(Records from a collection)
────
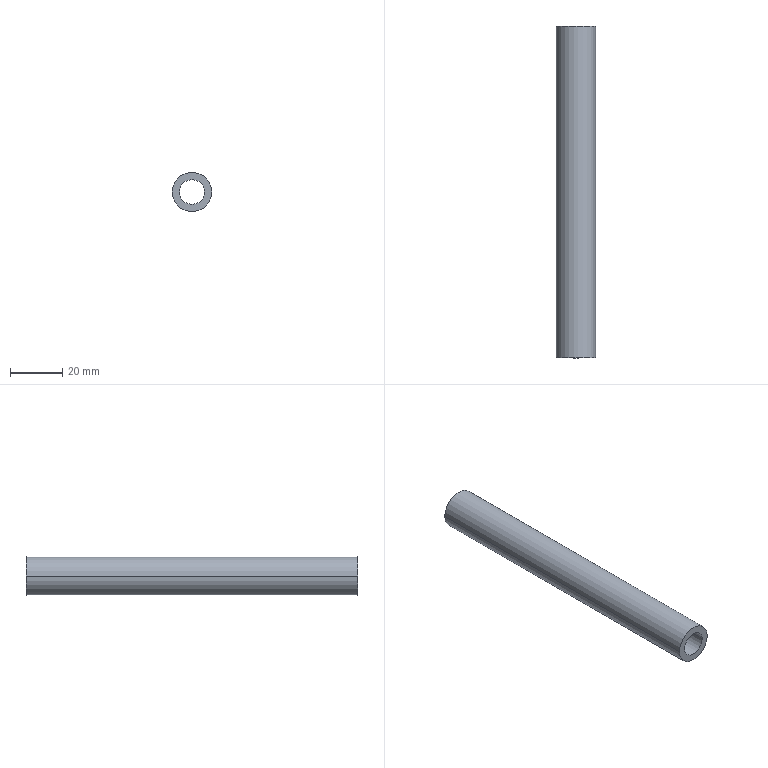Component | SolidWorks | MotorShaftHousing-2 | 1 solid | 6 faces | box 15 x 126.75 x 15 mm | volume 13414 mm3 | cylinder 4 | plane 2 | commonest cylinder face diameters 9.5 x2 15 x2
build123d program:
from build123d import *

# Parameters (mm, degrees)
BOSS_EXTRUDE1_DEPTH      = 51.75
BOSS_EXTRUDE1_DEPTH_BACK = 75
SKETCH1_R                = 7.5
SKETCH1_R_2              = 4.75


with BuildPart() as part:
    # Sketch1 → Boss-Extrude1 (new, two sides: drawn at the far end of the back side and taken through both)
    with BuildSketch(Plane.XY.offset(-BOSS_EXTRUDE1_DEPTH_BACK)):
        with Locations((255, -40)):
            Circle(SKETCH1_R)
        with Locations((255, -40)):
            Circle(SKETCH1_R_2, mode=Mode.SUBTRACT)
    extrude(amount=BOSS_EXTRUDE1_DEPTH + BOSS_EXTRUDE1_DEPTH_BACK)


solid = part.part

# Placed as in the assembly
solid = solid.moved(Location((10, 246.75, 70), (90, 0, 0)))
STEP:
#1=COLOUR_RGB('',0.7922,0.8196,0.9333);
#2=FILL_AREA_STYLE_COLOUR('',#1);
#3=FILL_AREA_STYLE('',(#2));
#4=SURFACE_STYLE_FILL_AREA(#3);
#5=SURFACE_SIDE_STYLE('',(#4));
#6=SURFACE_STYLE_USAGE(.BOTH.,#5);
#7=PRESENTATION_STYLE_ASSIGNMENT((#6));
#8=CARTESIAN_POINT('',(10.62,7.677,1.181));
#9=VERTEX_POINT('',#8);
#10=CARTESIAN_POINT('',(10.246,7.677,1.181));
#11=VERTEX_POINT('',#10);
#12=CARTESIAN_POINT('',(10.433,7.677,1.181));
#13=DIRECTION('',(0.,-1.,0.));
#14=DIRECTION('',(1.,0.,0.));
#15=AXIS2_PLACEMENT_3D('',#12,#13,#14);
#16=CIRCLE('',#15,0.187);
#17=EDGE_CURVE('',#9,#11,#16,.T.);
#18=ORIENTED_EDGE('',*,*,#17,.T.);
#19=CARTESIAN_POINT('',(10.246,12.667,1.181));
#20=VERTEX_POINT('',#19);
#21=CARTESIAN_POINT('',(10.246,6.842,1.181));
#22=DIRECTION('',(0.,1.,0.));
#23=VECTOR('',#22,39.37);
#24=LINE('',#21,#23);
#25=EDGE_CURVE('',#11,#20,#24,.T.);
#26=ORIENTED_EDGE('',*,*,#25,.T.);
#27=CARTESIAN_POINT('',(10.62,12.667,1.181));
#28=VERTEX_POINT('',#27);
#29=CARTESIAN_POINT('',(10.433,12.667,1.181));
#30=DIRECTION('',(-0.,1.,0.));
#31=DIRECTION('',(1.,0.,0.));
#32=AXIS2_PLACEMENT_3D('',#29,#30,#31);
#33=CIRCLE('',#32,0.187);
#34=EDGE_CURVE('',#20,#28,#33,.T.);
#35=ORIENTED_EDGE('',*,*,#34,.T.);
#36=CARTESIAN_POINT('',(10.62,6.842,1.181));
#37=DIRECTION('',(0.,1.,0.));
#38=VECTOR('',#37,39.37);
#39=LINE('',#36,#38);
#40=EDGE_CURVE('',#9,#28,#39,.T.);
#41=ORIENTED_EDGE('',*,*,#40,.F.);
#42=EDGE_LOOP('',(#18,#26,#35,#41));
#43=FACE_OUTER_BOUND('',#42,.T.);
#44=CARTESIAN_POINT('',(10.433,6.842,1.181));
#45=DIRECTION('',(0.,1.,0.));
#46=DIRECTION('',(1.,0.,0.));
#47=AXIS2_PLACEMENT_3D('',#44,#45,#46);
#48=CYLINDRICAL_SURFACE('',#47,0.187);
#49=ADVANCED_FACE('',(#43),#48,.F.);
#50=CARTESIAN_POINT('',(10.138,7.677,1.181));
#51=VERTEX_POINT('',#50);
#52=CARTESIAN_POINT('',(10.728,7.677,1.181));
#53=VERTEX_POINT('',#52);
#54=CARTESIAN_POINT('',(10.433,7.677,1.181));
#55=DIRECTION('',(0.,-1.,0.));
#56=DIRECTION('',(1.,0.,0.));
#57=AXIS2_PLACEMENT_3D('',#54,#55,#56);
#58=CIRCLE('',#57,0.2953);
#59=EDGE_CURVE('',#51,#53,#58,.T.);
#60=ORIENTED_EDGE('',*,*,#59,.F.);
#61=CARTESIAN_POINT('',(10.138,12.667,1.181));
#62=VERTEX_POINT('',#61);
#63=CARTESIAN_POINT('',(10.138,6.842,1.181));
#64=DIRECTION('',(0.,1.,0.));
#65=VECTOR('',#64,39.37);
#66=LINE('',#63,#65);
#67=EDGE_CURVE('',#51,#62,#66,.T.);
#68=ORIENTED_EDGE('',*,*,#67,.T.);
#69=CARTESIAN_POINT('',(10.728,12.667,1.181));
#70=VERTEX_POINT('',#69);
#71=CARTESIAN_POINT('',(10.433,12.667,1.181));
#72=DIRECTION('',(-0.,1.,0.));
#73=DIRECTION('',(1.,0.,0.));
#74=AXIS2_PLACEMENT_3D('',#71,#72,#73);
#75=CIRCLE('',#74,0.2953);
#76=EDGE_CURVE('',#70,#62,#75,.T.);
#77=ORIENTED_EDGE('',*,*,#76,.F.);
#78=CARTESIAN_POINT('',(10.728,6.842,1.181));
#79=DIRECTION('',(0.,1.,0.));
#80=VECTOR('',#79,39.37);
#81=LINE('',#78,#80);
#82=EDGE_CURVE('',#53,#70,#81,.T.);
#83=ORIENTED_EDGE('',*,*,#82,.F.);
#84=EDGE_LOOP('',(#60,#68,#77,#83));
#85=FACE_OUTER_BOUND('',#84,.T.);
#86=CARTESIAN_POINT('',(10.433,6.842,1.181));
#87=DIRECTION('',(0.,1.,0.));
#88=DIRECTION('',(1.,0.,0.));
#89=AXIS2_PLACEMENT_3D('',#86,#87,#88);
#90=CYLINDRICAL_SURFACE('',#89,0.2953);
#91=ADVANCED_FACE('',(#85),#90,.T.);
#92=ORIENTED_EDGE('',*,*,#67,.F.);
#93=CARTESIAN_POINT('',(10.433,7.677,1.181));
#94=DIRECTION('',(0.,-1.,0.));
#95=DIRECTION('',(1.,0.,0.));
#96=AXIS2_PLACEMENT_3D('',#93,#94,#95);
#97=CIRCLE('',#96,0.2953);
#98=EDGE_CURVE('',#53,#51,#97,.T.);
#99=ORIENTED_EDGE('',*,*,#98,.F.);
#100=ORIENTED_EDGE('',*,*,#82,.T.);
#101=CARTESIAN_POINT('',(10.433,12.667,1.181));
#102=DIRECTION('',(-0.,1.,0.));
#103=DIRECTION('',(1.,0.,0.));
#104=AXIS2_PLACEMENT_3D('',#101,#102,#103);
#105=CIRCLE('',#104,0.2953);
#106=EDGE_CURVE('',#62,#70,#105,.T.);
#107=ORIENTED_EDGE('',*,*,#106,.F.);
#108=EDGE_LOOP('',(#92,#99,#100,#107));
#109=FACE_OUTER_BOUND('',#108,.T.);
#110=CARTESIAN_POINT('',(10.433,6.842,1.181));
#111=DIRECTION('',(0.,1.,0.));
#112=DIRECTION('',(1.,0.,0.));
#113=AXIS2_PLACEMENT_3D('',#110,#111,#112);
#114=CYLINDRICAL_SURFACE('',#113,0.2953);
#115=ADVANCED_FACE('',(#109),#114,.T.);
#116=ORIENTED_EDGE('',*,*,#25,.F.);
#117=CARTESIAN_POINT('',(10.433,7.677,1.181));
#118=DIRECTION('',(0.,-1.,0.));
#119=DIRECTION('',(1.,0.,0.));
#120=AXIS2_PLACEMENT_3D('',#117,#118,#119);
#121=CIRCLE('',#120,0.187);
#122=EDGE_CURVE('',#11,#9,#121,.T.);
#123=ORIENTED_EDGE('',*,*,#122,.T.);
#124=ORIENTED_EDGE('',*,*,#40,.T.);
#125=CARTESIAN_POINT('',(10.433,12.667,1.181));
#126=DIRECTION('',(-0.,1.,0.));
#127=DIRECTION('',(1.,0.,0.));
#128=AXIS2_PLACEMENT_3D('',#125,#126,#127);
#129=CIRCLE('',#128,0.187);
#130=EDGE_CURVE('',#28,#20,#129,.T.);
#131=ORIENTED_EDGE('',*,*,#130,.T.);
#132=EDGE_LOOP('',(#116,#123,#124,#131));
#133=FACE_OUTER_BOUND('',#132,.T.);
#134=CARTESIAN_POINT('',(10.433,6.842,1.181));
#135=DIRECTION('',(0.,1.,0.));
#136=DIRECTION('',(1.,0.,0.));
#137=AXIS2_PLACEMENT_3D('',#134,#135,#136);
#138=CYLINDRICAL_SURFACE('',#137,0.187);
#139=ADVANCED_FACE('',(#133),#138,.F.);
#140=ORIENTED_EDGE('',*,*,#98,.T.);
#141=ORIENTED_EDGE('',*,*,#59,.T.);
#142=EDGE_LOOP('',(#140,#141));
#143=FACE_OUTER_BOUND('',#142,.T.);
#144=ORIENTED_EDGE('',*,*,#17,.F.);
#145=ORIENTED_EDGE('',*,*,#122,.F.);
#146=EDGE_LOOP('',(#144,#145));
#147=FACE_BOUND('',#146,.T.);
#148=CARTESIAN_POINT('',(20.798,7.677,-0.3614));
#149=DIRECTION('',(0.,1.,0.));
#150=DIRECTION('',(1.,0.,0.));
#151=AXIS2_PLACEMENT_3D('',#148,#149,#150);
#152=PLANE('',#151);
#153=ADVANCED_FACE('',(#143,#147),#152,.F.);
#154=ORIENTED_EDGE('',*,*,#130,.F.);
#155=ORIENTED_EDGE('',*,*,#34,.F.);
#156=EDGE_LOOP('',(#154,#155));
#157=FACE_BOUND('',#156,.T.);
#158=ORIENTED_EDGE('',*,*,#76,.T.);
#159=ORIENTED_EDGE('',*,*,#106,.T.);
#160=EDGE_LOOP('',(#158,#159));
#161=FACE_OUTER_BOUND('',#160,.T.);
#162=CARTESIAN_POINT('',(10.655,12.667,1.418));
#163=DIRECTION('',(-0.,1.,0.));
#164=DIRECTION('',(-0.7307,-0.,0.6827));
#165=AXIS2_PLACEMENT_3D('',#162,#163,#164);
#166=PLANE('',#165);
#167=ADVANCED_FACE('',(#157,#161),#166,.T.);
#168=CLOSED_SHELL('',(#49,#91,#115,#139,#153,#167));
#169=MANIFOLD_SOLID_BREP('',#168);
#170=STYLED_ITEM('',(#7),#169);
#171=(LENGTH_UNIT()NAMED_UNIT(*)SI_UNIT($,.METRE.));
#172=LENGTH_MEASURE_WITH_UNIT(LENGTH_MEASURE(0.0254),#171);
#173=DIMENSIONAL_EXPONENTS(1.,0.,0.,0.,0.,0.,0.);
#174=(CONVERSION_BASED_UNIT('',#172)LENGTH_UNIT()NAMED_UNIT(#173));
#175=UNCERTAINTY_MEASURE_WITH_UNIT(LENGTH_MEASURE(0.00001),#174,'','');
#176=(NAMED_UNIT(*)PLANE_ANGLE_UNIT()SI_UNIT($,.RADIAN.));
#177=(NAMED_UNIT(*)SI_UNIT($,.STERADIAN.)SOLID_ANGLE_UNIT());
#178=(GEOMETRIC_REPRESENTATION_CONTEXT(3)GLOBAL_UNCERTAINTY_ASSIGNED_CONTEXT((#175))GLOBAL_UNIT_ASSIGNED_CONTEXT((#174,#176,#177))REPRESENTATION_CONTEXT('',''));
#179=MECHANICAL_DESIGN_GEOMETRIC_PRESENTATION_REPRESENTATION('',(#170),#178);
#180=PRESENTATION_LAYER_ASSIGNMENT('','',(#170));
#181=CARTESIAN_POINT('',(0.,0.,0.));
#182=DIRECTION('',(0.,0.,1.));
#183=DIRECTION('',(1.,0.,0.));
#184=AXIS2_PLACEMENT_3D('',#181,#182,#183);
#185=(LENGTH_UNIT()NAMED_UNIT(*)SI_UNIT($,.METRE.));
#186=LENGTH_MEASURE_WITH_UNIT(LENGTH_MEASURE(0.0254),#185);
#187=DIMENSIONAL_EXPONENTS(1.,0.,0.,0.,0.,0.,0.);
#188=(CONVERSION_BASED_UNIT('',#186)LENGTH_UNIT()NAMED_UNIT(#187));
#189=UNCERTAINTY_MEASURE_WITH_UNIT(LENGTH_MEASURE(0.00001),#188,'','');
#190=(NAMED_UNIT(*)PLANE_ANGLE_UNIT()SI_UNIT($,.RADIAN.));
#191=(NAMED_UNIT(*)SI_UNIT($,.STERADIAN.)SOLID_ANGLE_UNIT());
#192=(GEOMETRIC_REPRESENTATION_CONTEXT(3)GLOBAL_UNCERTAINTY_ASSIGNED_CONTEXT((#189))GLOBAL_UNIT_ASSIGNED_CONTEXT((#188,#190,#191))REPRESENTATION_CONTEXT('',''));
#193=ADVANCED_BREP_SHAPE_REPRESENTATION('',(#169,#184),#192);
────
WHAT THE EXERCISE ASKS: Among the entries above, locate the lines containing "#71=CARTESIAN_POINT('',(10.433,12.667,1.181));" and "#79=DIRECTION('',(0.,1.,0.));", and transcribe exactly those two lines and all lines between.

TASK OUTPUT:
#71=CARTESIAN_POINT('',(10.433,12.667,1.181));
#72=DIRECTION('',(-0.,1.,0.));
#73=DIRECTION('',(1.,0.,0.));
#74=AXIS2_PLACEMENT_3D('',#71,#72,#73);
#75=CIRCLE('',#74,0.2953);
#76=EDGE_CURVE('',#70,#62,#75,.T.);
#77=ORIENTED_EDGE('',*,*,#76,.F.);
#78=CARTESIAN_POINT('',(10.728,6.842,1.181));
#79=DIRECTION('',(0.,1.,0.));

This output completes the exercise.